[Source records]

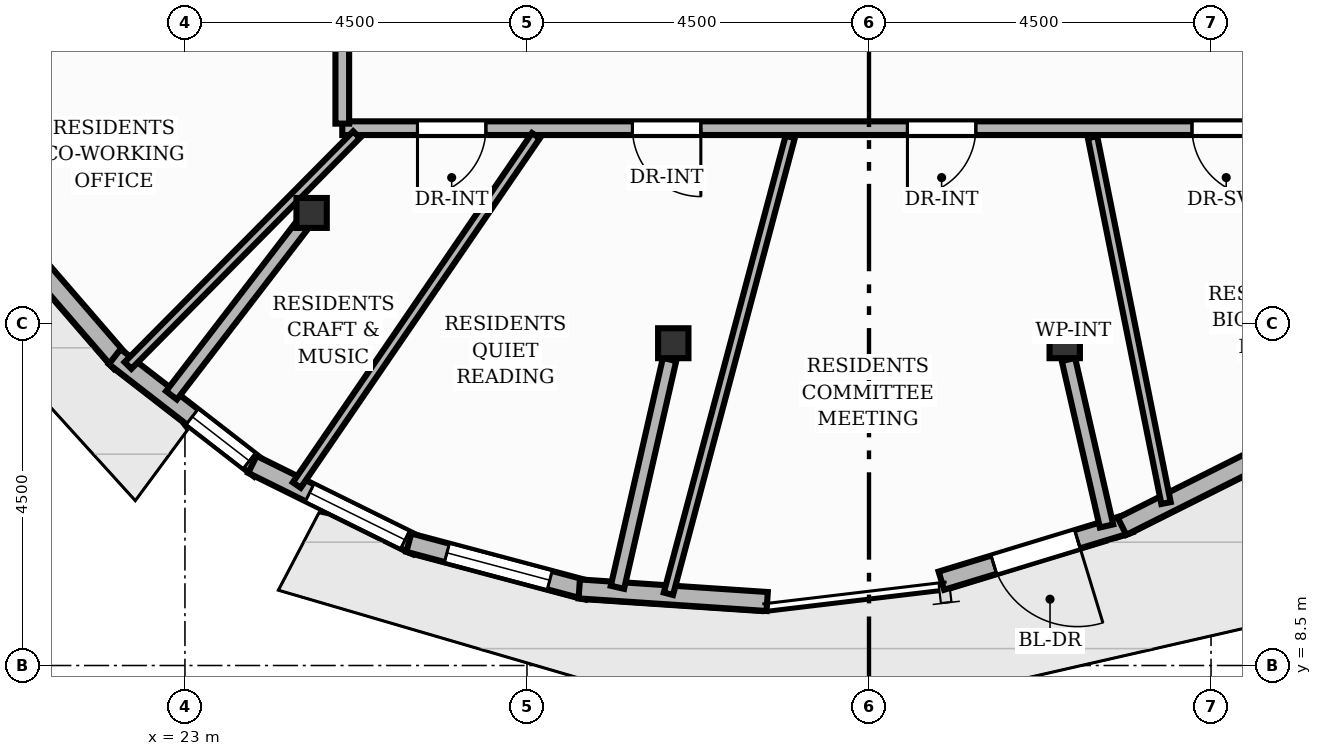
"""IFC4 building model, lengths in metres.
Left out: names, types, materials, properties, quantities, classifications, styles, units other than length and angle.
Written with IfcOpenShell. Run it as: python <this file> out.ifc"""

import sys

from ifc_helpers import new_model, si_unit, direction, frame, frame_2d, origin, origin_2d, place, context, subcontext, project, spatial, rectangle, i_section, extrude, element, fill, save


model = new_model("IFC4")
c1 = context("Model", 3, precision=1e-05, world=origin(), true_north=direction((0.0, 1.0)))
c2 = subcontext(c1, "Body", "Model", "MODEL_VIEW")
j1 = project(units=[si_unit("LENGTHUNIT", "METRE"), si_unit("PLANEANGLEUNIT", "RADIAN")], contexts=[c1])
p1 = place(None, origin())
s1 = spatial("IfcSite", under=j1, at=p1, CompositionType="ELEMENT")
p2 = place(p1, origin())
s2 = spatial("IfcBuilding", under=s1, at=p2, CompositionType="ELEMENT")
p3 = place(p2, frame((0.0, 0.0, 230.24)))
s3 = spatial("IfcBuildingStorey", under=s2, at=p3, CompositionType="ELEMENT", Elevation=230.24)
for number, where, z_axis, x_axis in (
    (1, (24.667, 14.455, 0.0), (0.0, 0.0, 1.0), (1.0, 0.0, 0.0)),
    (2, (29.425, 12.74, 0.0), (0.0, 0.0, 1.0), (1.0, 0.0, 0.0)),
    (3, (34.575, 12.74, 0.0), (0.0, 0.0, 1.0), (1.0, 0.0, 0.0)),
):
    element("IfcColumn", number, at=place(p3, frame(where, z_axis=z_axis, x_axis=x_axis)), inside=s3, PredefinedType="COLUMN", context=c2, shape_type="SweptSolid", body=[
        extrude(i_section(OverallWidth=0.399, OverallDepth=0.394, WebThickness=0.023, FlangeThickness=0.037, at=origin_2d()), origin(), (0.0, 0.0, 1.0), 3.2),
    ])
p4 = place(p3, frame((22.159, 12.486, 0.0), z_axis=(0.0, 0.0, 1.0), x_axis=(-0.653838956375, 0.756633741732, 0.0)))
e4 = element("IfcWall", 4, at=p4, inside=s3, PredefinedType="SOLIDWALL", context=c2, shape_type="SweptSolid", body=[
    extrude(rectangle(XDim=2.437, YDim=0.25, at=frame_2d((1.218, 0.0))), origin(), (0.0, 0.0, 1.0), 2.96),
])
p5 = place(p3, frame((23.985, 11.085, 0.0), z_axis=(0.0, 0.0, 1.0), x_axis=(-0.790325704793, 0.612686935019, 0.0)))
e5 = element("IfcWall", 5, at=p5, inside=s3, PredefinedType="SOLIDWALL", context=c2, shape_type="SweptSolid", body=[
    extrude(rectangle(XDim=2.415, YDim=0.25, at=frame_2d((1.208, 0.0))), origin(), (0.0, 0.0, 1.0), 2.96),
])
p6 = place(p5, frame((0.175, 0.0, 0.85)))
e6 = element("IfcOpeningElement", 6, at=p6, cuts=e5, PredefinedType="OPENING", context=c2, shape_type="SweptSolid", body=[
    extrude(rectangle(XDim=0.95, YDim=1.45, at=frame_2d((0.475, 0.725))), frame((0.0, 0.135, 0.0), z_axis=(0.0, -1.0, 0.0), x_axis=(1.0, 0.0, 0.0)), (0.0, 0.0, 1.0), 0.27),
])
p7 = place(p3, frame((26.052, 10.076, 0.0), z_axis=(0.0, 0.0, 1.0), x_axis=(-0.896540415167, 0.442961944158, 0.0)))
e7 = element("IfcWall", 7, at=p7, inside=s3, PredefinedType="SOLIDWALL", context=c2, shape_type="SweptSolid", body=[
    extrude(rectangle(XDim=2.415, YDim=0.25, at=frame_2d((1.207, 0.0))), origin(), (0.0, 0.0, 1.0), 2.96),
])
p8 = place(p7, frame((0.175, 0.0, 0.85)))
e8 = element("IfcOpeningElement", 8, at=p8, cuts=e7, PredefinedType="OPENING", context=c2, shape_type="SweptSolid", body=[
    extrude(rectangle(XDim=1.4, YDim=1.55, at=frame_2d((0.7, 0.775))), frame((0.0, 0.135, 0.0), z_axis=(0.0, -1.0, 0.0), x_axis=(1.0, 0.0, 0.0)), (0.0, 0.0, 1.0), 0.27),
])
p9 = place(p3, frame((28.3, 9.489, 0.0), z_axis=(0.0, 0.0, 1.0), x_axis=(-0.96631636381, 0.257357115761, 0.0)))
e9 = element("IfcWall", 9, at=p9, inside=s3, PredefinedType="SOLIDWALL", context=c2, shape_type="SweptSolid", body=[
    extrude(rectangle(XDim=2.437, YDim=0.25, at=frame_2d((1.219, 0.0))), origin(), (0.0, 0.0, 1.0), 2.96),
])
p10 = place(p9, frame((0.518, 0.0, 0.85)))
e10 = element("IfcOpeningElement", 10, at=p10, cuts=e9, PredefinedType="OPENING", context=c2, shape_type="SweptSolid", body=[
    extrude(rectangle(XDim=1.4, YDim=1.55, at=frame_2d((0.7, 0.775))), frame((0.0, 0.135, 0.0), z_axis=(0.0, -1.0, 0.0), x_axis=(1.0, 0.0, 0.0)), (0.0, 0.0, 1.0), 0.27),
])
p11 = place(p3, frame((30.66, 9.342, 0.0), z_axis=(0.0, 0.0, 1.0), x_axis=(-0.997759800667, 0.06689828228, 0.0)))
e11 = element("IfcWall", 11, at=p11, inside=s3, PredefinedType="SOLIDWALL", context=c2, shape_type="SweptSolid", body=[
    extrude(rectangle(XDim=2.478, YDim=0.25, at=frame_2d((1.239, 0.0))), origin(), (0.0, 0.0, 1.0), 2.96),
])
p12 = place(p3, frame((35.432, 10.372, 0.0), z_axis=(0.0, 0.0, 1.0), x_axis=(-0.956515193001, -0.291682508145, 0.0)))
e12 = element("IfcWall", 12, at=p12, inside=s3, PredefinedType="SOLIDWALL", context=c2, shape_type="SweptSolid", body=[
    extrude(rectangle(XDim=2.592, YDim=0.25, at=frame_2d((1.296, 0.0))), origin(), (0.0, 0.0, 1.0), 2.96),
])
p13 = place(p12, frame((0.721, 0.0, 0.0)))
e13 = element("IfcOpeningElement", 13, at=p13, cuts=e12, PredefinedType="OPENING", context=c2, shape_type="SweptSolid", body=[
    extrude(rectangle(XDim=1.15, YDim=2.2, at=frame_2d((0.575, 1.1))), frame((0.0, 0.135, 0.0), z_axis=(0.0, -1.0, 0.0), x_axis=(1.0, 0.0, 0.0)), (0.0, 0.0, 1.0), 0.27),
])
p14 = place(p3, frame((37.699, 11.519, 0.0), z_axis=(0.0, 0.0, 1.0), x_axis=(-0.893929345503, -0.448207904045, 0.0)))
e14 = element("IfcWall", 14, at=p14, inside=s3, PredefinedType="SOLIDWALL", context=c2, shape_type="SweptSolid", body=[
    extrude(rectangle(XDim=2.651, YDim=0.25, at=frame_2d((1.326, 0.0))), origin(), (0.0, 0.0, 1.0), 2.96),
])
p15 = place(p3, frame((24.533, 14.281, 0.0), z_axis=(0.0, 0.0, 1.0), x_axis=(-0.609243973043, -0.792982837967, 0.0)))
e15 = element("IfcWall", 15, at=p15, inside=s3, PredefinedType="PARTITIONING", context=c2, shape_type="SweptSolid", body=[
    extrude(rectangle(XDim=2.806, YDim=0.18, at=frame_2d((1.403, 0.0))), origin(), (0.0, 0.0, 1.0), 2.403),
])
p16 = place(p3, frame((29.376, 12.527, 0.0), z_axis=(0.0, 0.0, 1.0), x_axis=(-0.223020975075, -0.974813646128, 0.0)))
e16 = element("IfcWall", 16, at=p16, inside=s3, PredefinedType="PARTITIONING", context=c2, shape_type="SweptSolid", body=[
    extrude(rectangle(XDim=3.075, YDim=0.18, at=frame_2d((1.538, 0.0))), origin(), (0.0, 0.0, 1.0), 2.403),
])
p17 = place(p3, frame((34.624, 12.527, 0.0), z_axis=(0.0, 0.0, 1.0), x_axis=(0.223034234637, -0.974810612468, 0.0)))
e17 = element("IfcWall", 17, at=p17, inside=s3, PredefinedType="PARTITIONING", context=c2, shape_type="SweptSolid", body=[
    extrude(rectangle(XDim=2.247, YDim=0.18, at=frame_2d((1.124, 0.0))), origin(), (0.0, 0.0, 1.0), 2.403),
])
p18 = place(p3, frame((38.93, 15.57, 0.0), z_axis=(0.0, 0.0, 1.0), x_axis=(-1.0, 0.0, 0.0)))
e18 = element("IfcWall", 18, at=p18, inside=s3, PredefinedType="PARTITIONING", context=c2, shape_type="SweptSolid", body=[
    extrude(rectangle(XDim=13.86, YDim=0.18, at=frame_2d((6.93, 0.0))), origin(), (0.0, 0.0, 1.0), 2.955),
])
p19 = place(p18, frame((1.781, 0.0, 0.0)))
e19 = element("IfcOpeningElement", 19, at=p19, cuts=e18, PredefinedType="OPENING", context=c2, shape_type="SweptSolid", body=[
    extrude(rectangle(XDim=0.9, YDim=2.1, at=frame_2d((0.45, 1.05))), frame((0.0, 0.1, 0.0), z_axis=(0.0, -1.0, 0.0), x_axis=(1.0, 0.0, 0.0)), (0.0, 0.0, 1.0), 0.2),
])
p20 = place(p18, frame((5.524, 0.0, 0.0)))
e20 = element("IfcOpeningElement", 20, at=p20, cuts=e18, PredefinedType="OPENING", context=c2, shape_type="SweptSolid", body=[
    extrude(rectangle(XDim=0.9, YDim=2.1, at=frame_2d((0.45, 1.05))), frame((0.0, 0.1, 0.0), z_axis=(0.0, -1.0, 0.0), x_axis=(1.0, 0.0, 0.0)), (0.0, 0.0, 1.0), 0.2),
])
p21 = place(p18, frame((9.143, 0.0, 0.0)))
e21 = element("IfcOpeningElement", 21, at=p21, cuts=e18, PredefinedType="OPENING", context=c2, shape_type="SweptSolid", body=[
    extrude(rectangle(XDim=0.9, YDim=2.1, at=frame_2d((0.45, 1.05))), frame((0.0, 0.1, 0.0), z_axis=(0.0, -1.0, 0.0), x_axis=(1.0, 0.0, 0.0)), (0.0, 0.0, 1.0), 0.2),
])
p22 = place(p18, frame((11.97, 0.0, 0.0)))
e22 = element("IfcOpeningElement", 22, at=p22, cuts=e18, PredefinedType="OPENING", context=c2, shape_type="SweptSolid", body=[
    extrude(rectangle(XDim=0.9, YDim=2.1, at=frame_2d((0.45, 1.05))), frame((0.0, 0.1, 0.0), z_axis=(0.0, -1.0, 0.0), x_axis=(1.0, 0.0, 0.0)), (0.0, 0.0, 1.0), 0.2),
])
p23 = place(p3, frame((25.07, 15.63, 0.0), z_axis=(0.0, 0.0, 1.0), x_axis=(0.0, 1.0, 0.0)))
e23 = element("IfcWall", 23, at=p23, inside=s3, PredefinedType="PARTITIONING", context=c2, shape_type="SweptSolid", body=[
    extrude(rectangle(XDim=5.909, YDim=0.18, at=frame_2d((2.954, 0.0))), origin(), (0.0, 0.0, 1.0), 2.955),
])
p24 = place(p23, frame((1.731, 0.0, 0.0)))
e24 = element("IfcOpeningElement", 24, at=p24, cuts=e23, PredefinedType="OPENING", context=c2, shape_type="SweptSolid", body=[
    extrude(rectangle(XDim=0.9, YDim=2.1, at=frame_2d((0.45, 1.05))), frame((0.0, 0.1, 0.0), z_axis=(0.0, -1.0, 0.0), x_axis=(1.0, 0.0, 0.0)), (0.0, 0.0, 1.0), 0.2),
])
p25 = place(p3, frame((35.908, 10.638, 0.0), z_axis=(0.0, 0.0, 1.0), x_axis=(-0.196928748325, 0.980417802818, 0.0)))
e25 = element("IfcWall", 25, at=p25, inside=s3, PredefinedType="PARTITIONING", context=c2, shape_type="SweptSolid", body=[
    extrude(rectangle(XDim=4.911, YDim=0.125, at=frame_2d((2.455, 0.0))), origin(), (0.0, 0.0, 1.0), 2.955),
])
p26 = place(p3, frame((29.361, 9.444, 0.0), z_axis=(0.0, 0.0, 1.0), x_axis=(0.257643106476, 0.966240151145, 0.0)))
e26 = element("IfcWall", 26, at=p26, inside=s3, PredefinedType="PARTITIONING", context=c2, shape_type="SweptSolid", body=[
    extrude(rectangle(XDim=6.22, YDim=0.125, at=frame_2d((3.11, 0.0))), origin(), (0.0, 0.0, 1.0), 2.955),
])
p27 = place(p3, frame((24.471, 10.874, 0.0), z_axis=(0.0, 0.0, 1.0), x_axis=(0.564753044296, 0.825259958412, 0.0)))
e27 = element("IfcWall", 27, at=p27, inside=s3, PredefinedType="PARTITIONING", context=c2, shape_type="SweptSolid", body=[
    extrude(rectangle(XDim=5.571, YDim=0.125, at=frame_2d((2.785, 0.0))), origin(), (0.0, 0.0, 1.0), 2.692),
])
p28 = place(p3, frame((22.251, 12.448, 0.0), z_axis=(0.0, 0.0, 1.0), x_axis=(0.7036132626, 0.710583124408, 0.0)))
e28 = element("IfcWall", 28, at=p28, inside=s3, PredefinedType="PARTITIONING", context=c2, shape_type="SweptSolid", body=[
    extrude(rectangle(XDim=4.273, YDim=0.125, at=frame_2d((2.137, 0.0))), origin(), (0.0, 0.0, 1.0), 2.403),
])
p29 = place(p13, origin())
e29 = element("IfcDoor", 29, at=p29, inside=s3, OperationType="SINGLE_SWING_LEFT", PredefinedType="DOOR", context=c2, shape_type="SweptSolid", body=[
    extrude(rectangle(XDim=1.15, YDim=2.2, at=frame_2d((0.575, 1.1))), frame((0.0, 0.025, 0.0), z_axis=(0.0, -1.0, 0.0), x_axis=(1.0, 0.0, 0.0)), (0.0, 0.0, 1.0), 0.05),
])
fill(e13, e29)
p30 = place(p6, origin())
e30 = element("IfcWindow", 30, at=p30, inside=s3, PartitioningType="SINGLE_PANEL", PredefinedType="WINDOW", context=c2, shape_type="SweptSolid", body=[
    extrude(rectangle(XDim=0.95, YDim=1.45, at=frame_2d((0.475, 0.725))), frame((0.0, 0.03, 0.0), z_axis=(0.0, -1.0, 0.0), x_axis=(1.0, 0.0, 0.0)), (0.0, 0.0, 1.0), 0.06),
])
fill(e6, e30)
p31 = place(p8, origin())
e31 = element("IfcWindow", 31, at=p31, inside=s3, PartitioningType="SINGLE_PANEL", PredefinedType="WINDOW", context=c2, shape_type="SweptSolid", body=[
    extrude(rectangle(XDim=1.4, YDim=1.55, at=frame_2d((0.7, 0.775))), frame((0.0, 0.03, 0.0), z_axis=(0.0, -1.0, 0.0), x_axis=(1.0, 0.0, 0.0)), (0.0, 0.0, 1.0), 0.06),
])
fill(e8, e31)
p32 = place(p10, origin())
e32 = element("IfcWindow", 32, at=p32, inside=s3, PartitioningType="SINGLE_PANEL", PredefinedType="WINDOW", context=c2, shape_type="SweptSolid", body=[
    extrude(rectangle(XDim=1.4, YDim=1.55, at=frame_2d((0.7, 0.775))), frame((0.0, 0.03, 0.0), z_axis=(0.0, -1.0, 0.0), x_axis=(1.0, 0.0, 0.0)), (0.0, 0.0, 1.0), 0.06),
])
fill(e10, e32)
p33 = place(p19, origin())
e33 = element("IfcDoor", 33, at=p33, inside=s3, OperationType="SINGLE_SWING_LEFT", PredefinedType="DOOR", context=c2, shape_type="SweptSolid", body=[
    extrude(rectangle(XDim=0.9, YDim=2.1, at=frame_2d((0.45, 1.05))), frame((0.0, 0.025, 0.0), z_axis=(0.0, -1.0, 0.0), x_axis=(1.0, 0.0, 0.0)), (0.0, 0.0, 1.0), 0.05),
])
fill(e19, e33)
p34 = place(p20, origin())
e34 = element("IfcDoor", 34, at=p34, inside=s3, OperationType="SINGLE_SWING_RIGHT", PredefinedType="DOOR", context=c2, shape_type="SweptSolid", body=[
    extrude(rectangle(XDim=0.9, YDim=2.1, at=frame_2d((0.45, 1.05))), frame((0.0, 0.025, 0.0), z_axis=(0.0, -1.0, 0.0), x_axis=(1.0, 0.0, 0.0)), (0.0, 0.0, 1.0), 0.05),
])
fill(e20, e34)
p35 = place(p21, origin())
e35 = element("IfcDoor", 35, at=p35, inside=s3, OperationType="SINGLE_SWING_LEFT", PredefinedType="DOOR", context=c2, shape_type="SweptSolid", body=[
    extrude(rectangle(XDim=0.9, YDim=2.1, at=frame_2d((0.45, 1.05))), frame((0.0, 0.025, 0.0), z_axis=(0.0, -1.0, 0.0), x_axis=(1.0, 0.0, 0.0)), (0.0, 0.0, 1.0), 0.05),
])
fill(e21, e35)
p36 = place(p22, origin())
e36 = element("IfcDoor", 36, at=p36, inside=s3, OperationType="SINGLE_SWING_RIGHT", PredefinedType="DOOR", context=c2, shape_type="SweptSolid", body=[
    extrude(rectangle(XDim=0.9, YDim=2.1, at=frame_2d((0.45, 1.05))), frame((0.0, 0.025, 0.0), z_axis=(0.0, -1.0, 0.0), x_axis=(1.0, 0.0, 0.0)), (0.0, 0.0, 1.0), 0.05),
])
fill(e22, e36)
save(model, sys.argv[1])

● **To do**:
All that is wanted is an exact copy of the lines above from the one with "x_axis=(-0.609243973043, -0.792982837967, 0.0)))" through the one with "x_axis=(-1.0, 0.0, 0.0)))", with both ends included.

● **Response below**:
p15 = place(p3, frame((24.533, 14.281, 0.0), z_axis=(0.0, 0.0, 1.0), x_axis=(-0.609243973043, -0.792982837967, 0.0)))
e15 = element("IfcWall", 15, at=p15, inside=s3, PredefinedType="PARTITIONING", context=c2, shape_type="SweptSolid", body=[
    extrude(rectangle(XDim=2.806, YDim=0.18, at=frame_2d((1.403, 0.0))), origin(), (0.0, 0.0, 1.0), 2.403),
])
p16 = place(p3, frame((29.376, 12.527, 0.0), z_axis=(0.0, 0.0, 1.0), x_axis=(-0.223020975075, -0.974813646128, 0.0)))
e16 = element("IfcWall", 16, at=p16, inside=s3, PredefinedType="PARTITIONING", context=c2, shape_type="SweptSolid", body=[
    extrude(rectangle(XDim=3.075, YDim=0.18, at=frame_2d((1.538, 0.0))), origin(), (0.0, 0.0, 1.0), 2.403),
])
p17 = place(p3, frame((34.624, 12.527, 0.0), z_axis=(0.0, 0.0, 1.0), x_axis=(0.223034234637, -0.974810612468, 0.0)))
e17 = element("IfcWall", 17, at=p17, inside=s3, PredefinedType="PARTITIONING", context=c2, shape_type="SweptSolid", body=[
    extrude(rectangle(XDim=2.247, YDim=0.18, at=frame_2d((1.124, 0.0))), origin(), (0.0, 0.0, 1.0), 2.403),
])
p18 = place(p3, frame((38.93, 15.57, 0.0), z_axis=(0.0, 0.0, 1.0), x_axis=(-1.0, 0.0, 0.0)))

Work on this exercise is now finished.